▸ SOURCE INFORMATION:
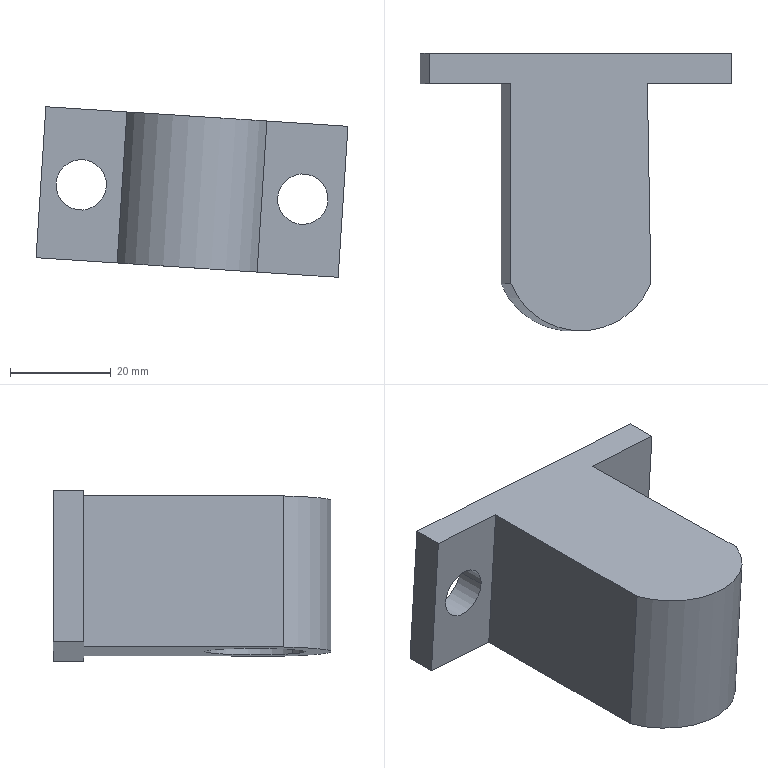Component | SolidWorks | Y-AxisBallScrewSupport2-1 | 1 solid | 17 faces | box 61.82 x 55 x 33.82 mm | volume 40291 mm3 | plane 10 | cylinder 7 | commonest cylinder face diameters 10 x4 20 x2 30 x1
build123d program:
from build123d import *

# Parameters (mm, degrees)
SKETCH1_R               = 10
BOSS_EXTRUDE1_DEPTH     = 30
SKETCH3_R               = 10
BOSS_EXTRUDE2_DEPTH     = 5
CUT_EXTRUDE1_DEPTH      = 834.997
CUT_EXTRUDE1_DEPTH_BACK = 834.997
CUT_EXTRUDE2_DEPTH      = 784.052
CUT_EXTRUDE2_DEPTH_BACK = 784.052
SKETCH5_R               = 5


with BuildPart() as part:
    # Sketch1 → Boss-Extrude1 (new body)
    with BuildSketch(Plane.XY):
        with BuildLine():
            Line((-298.984, -768.399), (-258.103, -724.481))
            Line((-258.103, -724.481), (-262.495, -720.393))
            Line((-262.495, -720.393), (-302.485, -705.168))
            ThreePointArc((-302.485, -705.168), (-318.802, -708.966), (-321.423, -725.513))
            Line((-321.423, -725.513), (-303.376, -764.311))
            Line((-303.376, -764.311), (-298.984, -768.399))
        make_face()
        with Locations((-307.822, -719.187)):
            Circle(SKETCH1_R, mode=Mode.SUBTRACT)
    extrude(amount=-BOSS_EXTRUDE1_DEPTH)

    # Sketch3 → Boss-Extrude2 (add)
    with BuildSketch(Plane.XY):
        with Locations((-307.822, -719.187)):
            Circle(SKETCH3_R)
    extrude(amount=-BOSS_EXTRUDE2_DEPTH)

    # Sketch4 → Cut-Extrude1 (cut, two sides: drawn at the far end of the back side and taken through both)
    with BuildSketch(Plane(origin=(0, 0, -30), x_dir=(-1, 0, 0), z_dir=(0, 0, -1)).offset(-CUT_EXTRUDE1_DEPTH_BACK)):
        Polygon((321.423, -725.513), (291.929, -752.014), (303.376, -764.311), align=None)
        Polygon((302.485, -705.168), (273.467, -732.18), (262.495, -720.393), align=None)
    extrude(amount=CUT_EXTRUDE1_DEPTH + CUT_EXTRUDE1_DEPTH_BACK, mode=Mode.SUBTRACT)

    # Sketch5 → Cut-Extrude2 (cut, two sides: drawn at the far end of the back side and taken through both)
    with BuildSketch(Plane(origin=(218.636, -203.516, 0), x_dir=(0, 0, 1), z_dir=(-0.732, 0.6813, 0)).offset(-CUT_EXTRUDE2_DEPTH_BACK)):
        with Locations(Location((-15, -714.151, 0), (0, 0, 90))):
            Circle(SKETCH5_R)
        with Locations(Location((-15, -758.151, 0), (0, 0, 90))):
            Circle(SKETCH5_R)
    extrude(amount=CUT_EXTRUDE2_DEPTH + CUT_EXTRUDE2_DEPTH_BACK, mode=Mode.SUBTRACT)


solid = part.part

# Placed as in the assembly
solid = solid.moved(Location((-727.162, -855.698, -137.583), (0, 3.712, 132.949)))
STEP:
#1=COLOUR_RGB('',0.7922,0.8196,0.9333);
#2=FILL_AREA_STYLE_COLOUR('',#1);
#3=FILL_AREA_STYLE('',(#2));
#4=SURFACE_STYLE_FILL_AREA(#3);
#5=SURFACE_SIDE_STYLE('',(#4));
#6=SURFACE_STYLE_USAGE(.BOTH.,#5);
#7=PRESENTATION_STYLE_ASSIGNMENT((#6));
#8=CARTESIAN_POINT('',(1.316,-21.693,-7.951));
#9=VERTEX_POINT('',#8);
#10=CARTESIAN_POINT('',(0.9228,-21.693,-7.926));
#11=VERTEX_POINT('',#10);
#12=CARTESIAN_POINT('',(1.119,-21.693,-7.938));
#13=DIRECTION('',(-0.,1.,0.));
#14=DIRECTION('',(-0.9979,0.,0.06474));
#15=AXIS2_PLACEMENT_3D('',#12,#13,#14);
#16=CIRCLE('',#15,0.1969);
#17=EDGE_CURVE('',#9,#11,#16,.T.);
#18=ORIENTED_EDGE('',*,*,#17,.T.);
#19=CARTESIAN_POINT('',(0.9228,-21.929,-7.926));
#20=VERTEX_POINT('',#19);
#21=CARTESIAN_POINT('',(0.9228,-20.515,-7.926));
#22=DIRECTION('',(-0.,-1.,0.));
#23=VECTOR('',#22,39.37);
#24=LINE('',#21,#23);
#25=EDGE_CURVE('',#11,#20,#24,.T.);
#26=ORIENTED_EDGE('',*,*,#25,.T.);
#27=CARTESIAN_POINT('',(1.316,-21.929,-7.951));
#28=VERTEX_POINT('',#27);
#29=CARTESIAN_POINT('',(1.119,-21.929,-7.938));
#30=DIRECTION('',(-0.,1.,0.));
#31=DIRECTION('',(-0.9979,0.,0.06474));
#32=AXIS2_PLACEMENT_3D('',#29,#30,#31);
#33=CIRCLE('',#32,0.1969);
#34=EDGE_CURVE('',#28,#20,#33,.T.);
#35=ORIENTED_EDGE('',*,*,#34,.F.);
#36=CARTESIAN_POINT('',(1.316,-20.515,-7.951));
#37=DIRECTION('',(-0.,-1.,0.));
#38=VECTOR('',#37,39.37);
#39=LINE('',#36,#38);
#40=EDGE_CURVE('',#9,#28,#39,.T.);
#41=ORIENTED_EDGE('',*,*,#40,.F.);
#42=EDGE_LOOP('',(#18,#26,#35,#41));
#43=FACE_OUTER_BOUND('',#42,.T.);
#44=CARTESIAN_POINT('',(1.119,-20.515,-7.938));
#45=DIRECTION('',(-0.,-1.,0.));
#46=DIRECTION('',(0.9979,0.,-0.06474));
#47=AXIS2_PLACEMENT_3D('',#44,#45,#46);
#48=CYLINDRICAL_SURFACE('',#47,0.1969);
#49=ADVANCED_FACE('',(#43),#48,.F.);
#50=CARTESIAN_POINT('',(-0.413,-21.693,-7.839));
#51=VERTEX_POINT('',#50);
#52=CARTESIAN_POINT('',(-0.8059,-21.693,-7.813));
#53=VERTEX_POINT('',#52);
#54=CARTESIAN_POINT('',(-0.6094,-21.693,-7.826));
#55=DIRECTION('',(-0.,1.,0.));
#56=DIRECTION('',(-0.9979,0.,0.06474));
#57=AXIS2_PLACEMENT_3D('',#54,#55,#56);
#58=CIRCLE('',#57,0.1969);
#59=EDGE_CURVE('',#51,#53,#58,.T.);
#60=ORIENTED_EDGE('',*,*,#59,.T.);
#61=CARTESIAN_POINT('',(-0.8059,-21.929,-7.813));
#62=VERTEX_POINT('',#61);
#63=CARTESIAN_POINT('',(-0.8059,-20.515,-7.813));
#64=DIRECTION('',(-0.,-1.,0.));
#65=VECTOR('',#64,39.37);
#66=LINE('',#63,#65);
#67=EDGE_CURVE('',#53,#62,#66,.T.);
#68=ORIENTED_EDGE('',*,*,#67,.T.);
#69=CARTESIAN_POINT('',(-0.413,-21.929,-7.839));
#70=VERTEX_POINT('',#69);
#71=CARTESIAN_POINT('',(-0.6094,-21.929,-7.826));
#72=DIRECTION('',(-0.,1.,0.));
#73=DIRECTION('',(-0.9979,0.,0.06474));
#74=AXIS2_PLACEMENT_3D('',#71,#72,#73);
#75=CIRCLE('',#74,0.1969);
#76=EDGE_CURVE('',#70,#62,#75,.T.);
#77=ORIENTED_EDGE('',*,*,#76,.F.);
#78=CARTESIAN_POINT('',(-0.413,-20.515,-7.839));
#79=DIRECTION('',(-0.,-1.,0.));
#80=VECTOR('',#79,39.37);
#81=LINE('',#78,#80);
#82=EDGE_CURVE('',#51,#70,#81,.T.);
#83=ORIENTED_EDGE('',*,*,#82,.F.);
#84=EDGE_LOOP('',(#60,#68,#77,#83));
#85=FACE_OUTER_BOUND('',#84,.T.);
#86=CARTESIAN_POINT('',(-0.6094,-20.515,-7.826));
#87=DIRECTION('',(-0.,-1.,0.));
#88=DIRECTION('',(0.9979,0.,-0.06474));
#89=AXIS2_PLACEMENT_3D('',#86,#87,#88);
#90=CYLINDRICAL_SURFACE('',#89,0.1969);
#91=ADVANCED_FACE('',(#85),#90,.F.);
#92=CARTESIAN_POINT('',(0.4843,-23.556,-8.489));
#93=VERTEX_POINT('',#92);
#94=CARTESIAN_POINT('',(-0.05103,-22.98,-8.454));
#95=VERTEX_POINT('',#94);
#96=CARTESIAN_POINT('',(0.2167,-23.268,-8.472));
#97=DIRECTION('',(0.06474,0.,0.9979));
#98=DIRECTION('',(-0.6799,0.732,0.04411));
#99=AXIS2_PLACEMENT_3D('',#96,#97,#98);
#100=CIRCLE('',#99,0.3937);
#101=EDGE_CURVE('',#93,#95,#100,.T.);
#102=ORIENTED_EDGE('',*,*,#101,.F.);
#103=CARTESIAN_POINT('',(0.5481,-23.556,-7.507));
#104=VERTEX_POINT('',#103);
#105=CARTESIAN_POINT('',(0.4843,-23.556,-8.489));
#106=DIRECTION('',(0.06474,0.,0.9979));
#107=VECTOR('',#106,39.37);
#108=LINE('',#105,#107);
#109=EDGE_CURVE('',#93,#104,#108,.T.);
#110=ORIENTED_EDGE('',*,*,#109,.T.);
#111=CARTESIAN_POINT('',(0.01269,-22.98,-7.472));
#112=VERTEX_POINT('',#111);
#113=CARTESIAN_POINT('',(0.2804,-23.268,-7.489));
#114=DIRECTION('',(-0.06474,-0.,-0.9979));
#115=DIRECTION('',(-0.6799,0.732,0.04411));
#116=AXIS2_PLACEMENT_3D('',#113,#114,#115);
#117=CIRCLE('',#116,0.3937);
#118=EDGE_CURVE('',#112,#104,#117,.T.);
#119=ORIENTED_EDGE('',*,*,#118,.F.);
#120=CARTESIAN_POINT('',(-0.05103,-22.98,-8.454));
#121=DIRECTION('',(0.06474,0.,0.9979));
#122=VECTOR('',#121,39.37);
#123=LINE('',#120,#122);
#124=EDGE_CURVE('',#95,#112,#123,.T.);
#125=ORIENTED_EDGE('',*,*,#124,.F.);
#126=EDGE_LOOP('',(#102,#110,#119,#125));
#127=FACE_OUTER_BOUND('',#126,.T.);
#128=CARTESIAN_POINT('',(0.2167,-23.268,-8.472));
#129=DIRECTION('',(0.06474,0.,0.9979));
#130=DIRECTION('',(-0.6799,0.732,0.04411));
#131=AXIS2_PLACEMENT_3D('',#128,#129,#130);
#132=CYLINDRICAL_SURFACE('',#131,0.3937);
#133=ADVANCED_FACE('',(#127),#132,.F.);
#134=ORIENTED_EDGE('',*,*,#109,.F.);
#135=CARTESIAN_POINT('',(0.2167,-23.268,-8.472));
#136=DIRECTION('',(0.06474,0.,0.9979));
#137=DIRECTION('',(-0.6799,0.732,0.04411));
#138=AXIS2_PLACEMENT_3D('',#135,#136,#137);
#139=CIRCLE('',#138,0.3937);
#140=EDGE_CURVE('',#95,#93,#139,.T.);
#141=ORIENTED_EDGE('',*,*,#140,.F.);
#142=ORIENTED_EDGE('',*,*,#124,.T.);
#143=CARTESIAN_POINT('',(0.2804,-23.268,-7.489));
#144=DIRECTION('',(-0.06474,-0.,-0.9979));
#145=DIRECTION('',(-0.6799,0.732,0.04411));
#146=AXIS2_PLACEMENT_3D('',#143,#144,#145);
#147=CIRCLE('',#146,0.3937);
#148=EDGE_CURVE('',#104,#112,#147,.T.);
#149=ORIENTED_EDGE('',*,*,#148,.F.);
#150=EDGE_LOOP('',(#134,#141,#142,#149));
#151=FACE_OUTER_BOUND('',#150,.T.);
#152=CARTESIAN_POINT('',(0.2167,-23.268,-8.472));
#153=DIRECTION('',(0.06474,0.,0.9979));
#154=DIRECTION('',(-0.6799,0.732,0.04411));
#155=AXIS2_PLACEMENT_3D('',#152,#153,#154);
#156=CYLINDRICAL_SURFACE('',#155,0.3937);
#157=ADVANCED_FACE('',(#151),#156,.F.);
#158=CARTESIAN_POINT('',(1.472,-21.693,-7.369));
#159=VERTEX_POINT('',#158);
#160=CARTESIAN_POINT('',(1.472,-21.929,-7.369));
#161=VERTEX_POINT('',#160);
#162=CARTESIAN_POINT('',(1.472,-33.689,-7.369));
#163=DIRECTION('',(0.,-1.,-0.));
#164=VECTOR('',#163,39.37);
#165=LINE('',#162,#164);
#166=EDGE_CURVE('',#159,#161,#165,.T.);
#167=ORIENTED_EDGE('',*,*,#166,.T.);
#168=CARTESIAN_POINT('',(1.395,-21.929,-8.548));
#169=VERTEX_POINT('',#168);
#170=CARTESIAN_POINT('',(1.395,-21.929,-8.548));
#171=DIRECTION('',(0.06474,0.,0.9979));
#172=VECTOR('',#171,39.37);
#173=LINE('',#170,#172);
#174=EDGE_CURVE('',#169,#161,#173,.T.);
#175=ORIENTED_EDGE('',*,*,#174,.F.);
#176=CARTESIAN_POINT('',(1.395,-21.693,-8.548));
#177=VERTEX_POINT('',#176);
#178=CARTESIAN_POINT('',(1.395,-33.689,-8.548));
#179=DIRECTION('',(0.,-1.,-0.));
#180=VECTOR('',#179,39.37);
#181=LINE('',#178,#180);
#182=EDGE_CURVE('',#177,#169,#181,.T.);
#183=ORIENTED_EDGE('',*,*,#182,.F.);
#184=CARTESIAN_POINT('',(1.395,-21.693,-8.548));
#185=DIRECTION('',(0.06474,0.,0.9979));
#186=VECTOR('',#185,39.37);
#187=LINE('',#184,#186);
#188=EDGE_CURVE('',#177,#159,#187,.T.);
#189=ORIENTED_EDGE('',*,*,#188,.T.);
#190=EDGE_LOOP('',(#167,#175,#183,#189));
#191=FACE_OUTER_BOUND('',#190,.T.);
#192=CARTESIAN_POINT('',(1.395,-33.689,-8.548));
#193=DIRECTION('',(-0.9979,-0.,0.06474));
#194=DIRECTION('',(0.,-1.,-0.));
#195=AXIS2_PLACEMENT_3D('',#192,#193,#194);
#196=PLANE('',#195);
#197=ADVANCED_FACE('',(#191),#196,.F.);
#198=CARTESIAN_POINT('',(-0.2529,-23.49,-7.258));
#199=VERTEX_POINT('',#198);
#200=CARTESIAN_POINT('',(0.8391,-23.49,-7.328));
#201=VERTEX_POINT('',#200);
#202=CARTESIAN_POINT('',(0.2931,-23.268,-7.293));
#203=DIRECTION('',(0.06474,0.,0.9979));
#204=DIRECTION('',(-0.6799,0.732,0.04411));
#205=AXIS2_PLACEMENT_3D('',#202,#203,#204);
#206=CIRCLE('',#205,0.5906);
#207=EDGE_CURVE('',#199,#201,#206,.T.);
#208=ORIENTED_EDGE('',*,*,#207,.F.);
#209=CARTESIAN_POINT('',(-0.3293,-23.49,-8.436));
#210=VERTEX_POINT('',#209);
#211=CARTESIAN_POINT('',(-0.3293,-23.49,-8.436));
#212=DIRECTION('',(0.06474,0.,0.9979));
#213=VECTOR('',#212,39.37);
#214=LINE('',#211,#213);
#215=EDGE_CURVE('',#210,#199,#214,.T.);
#216=ORIENTED_EDGE('',*,*,#215,.F.);
#217=CARTESIAN_POINT('',(0.7626,-23.49,-8.507));
#218=VERTEX_POINT('',#217);
#219=CARTESIAN_POINT('',(0.2167,-23.268,-8.472));
#220=DIRECTION('',(0.06474,0.,0.9979));
#221=DIRECTION('',(-0.6799,0.732,0.04411));
#222=AXIS2_PLACEMENT_3D('',#219,#220,#221);
#223=CIRCLE('',#222,0.5906);
#224=EDGE_CURVE('',#210,#218,#223,.T.);
#225=ORIENTED_EDGE('',*,*,#224,.T.);
#226=CARTESIAN_POINT('',(0.7626,-23.49,-8.507));
#227=DIRECTION('',(0.06474,0.,0.9979));
#228=VECTOR('',#227,39.37);
#229=LINE('',#226,#228);
#230=EDGE_CURVE('',#218,#201,#229,.T.);
#231=ORIENTED_EDGE('',*,*,#230,.T.);
#232=EDGE_LOOP('',(#208,#216,#225,#231));
#233=FACE_OUTER_BOUND('',#232,.T.);
#234=CARTESIAN_POINT('',(0.2167,-23.268,-8.472));
#235=DIRECTION('',(0.06474,0.,0.9979));
#236=DIRECTION('',(-0.6799,0.732,0.04411));
#237=AXIS2_PLACEMENT_3D('',#234,#235,#236);
#238=CYLINDRICAL_SURFACE('',#237,0.5906);
#239=ADVANCED_FACE('',(#233),#238,.T.);
#240=CARTESIAN_POINT('',(-0.8855,-21.693,-7.216));
#241=VERTEX_POINT('',#240);
#242=CARTESIAN_POINT('',(-0.8855,-21.929,-7.216));
#243=VERTEX_POINT('',#242);
#244=CARTESIAN_POINT('',(-0.8855,-33.689,-7.216));
#245=DIRECTION('',(-0.,-1.,0.));
#246=VECTOR('',#245,39.37);
#247=LINE('',#244,#246);
#248=EDGE_CURVE('',#241,#243,#247,.T.);
#249=ORIENTED_EDGE('',*,*,#248,.F.);
#250=CARTESIAN_POINT('',(-0.962,-21.693,-8.395));
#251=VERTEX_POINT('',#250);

▸ EXERCISE DETAILS: Where the listing above has a line with "#128=CARTESIAN_POINT('',(0.2167,-23.268,-8.472));", start there, and output every line exactly through the line with "#134=ORIENTED_EDGE('',*,*,#109,.F.);", which is also included.

▸ SOLVED EXERCISE:
#128=CARTESIAN_POINT('',(0.2167,-23.268,-8.472));
#129=DIRECTION('',(0.06474,0.,0.9979));
#130=DIRECTION('',(-0.6799,0.732,0.04411));
#131=AXIS2_PLACEMENT_3D('',#128,#129,#130);
#132=CYLINDRICAL_SURFACE('',#131,0.3937);
#133=ADVANCED_FACE('',(#127),#132,.F.);
#134=ORIENTED_EDGE('',*,*,#109,.F.);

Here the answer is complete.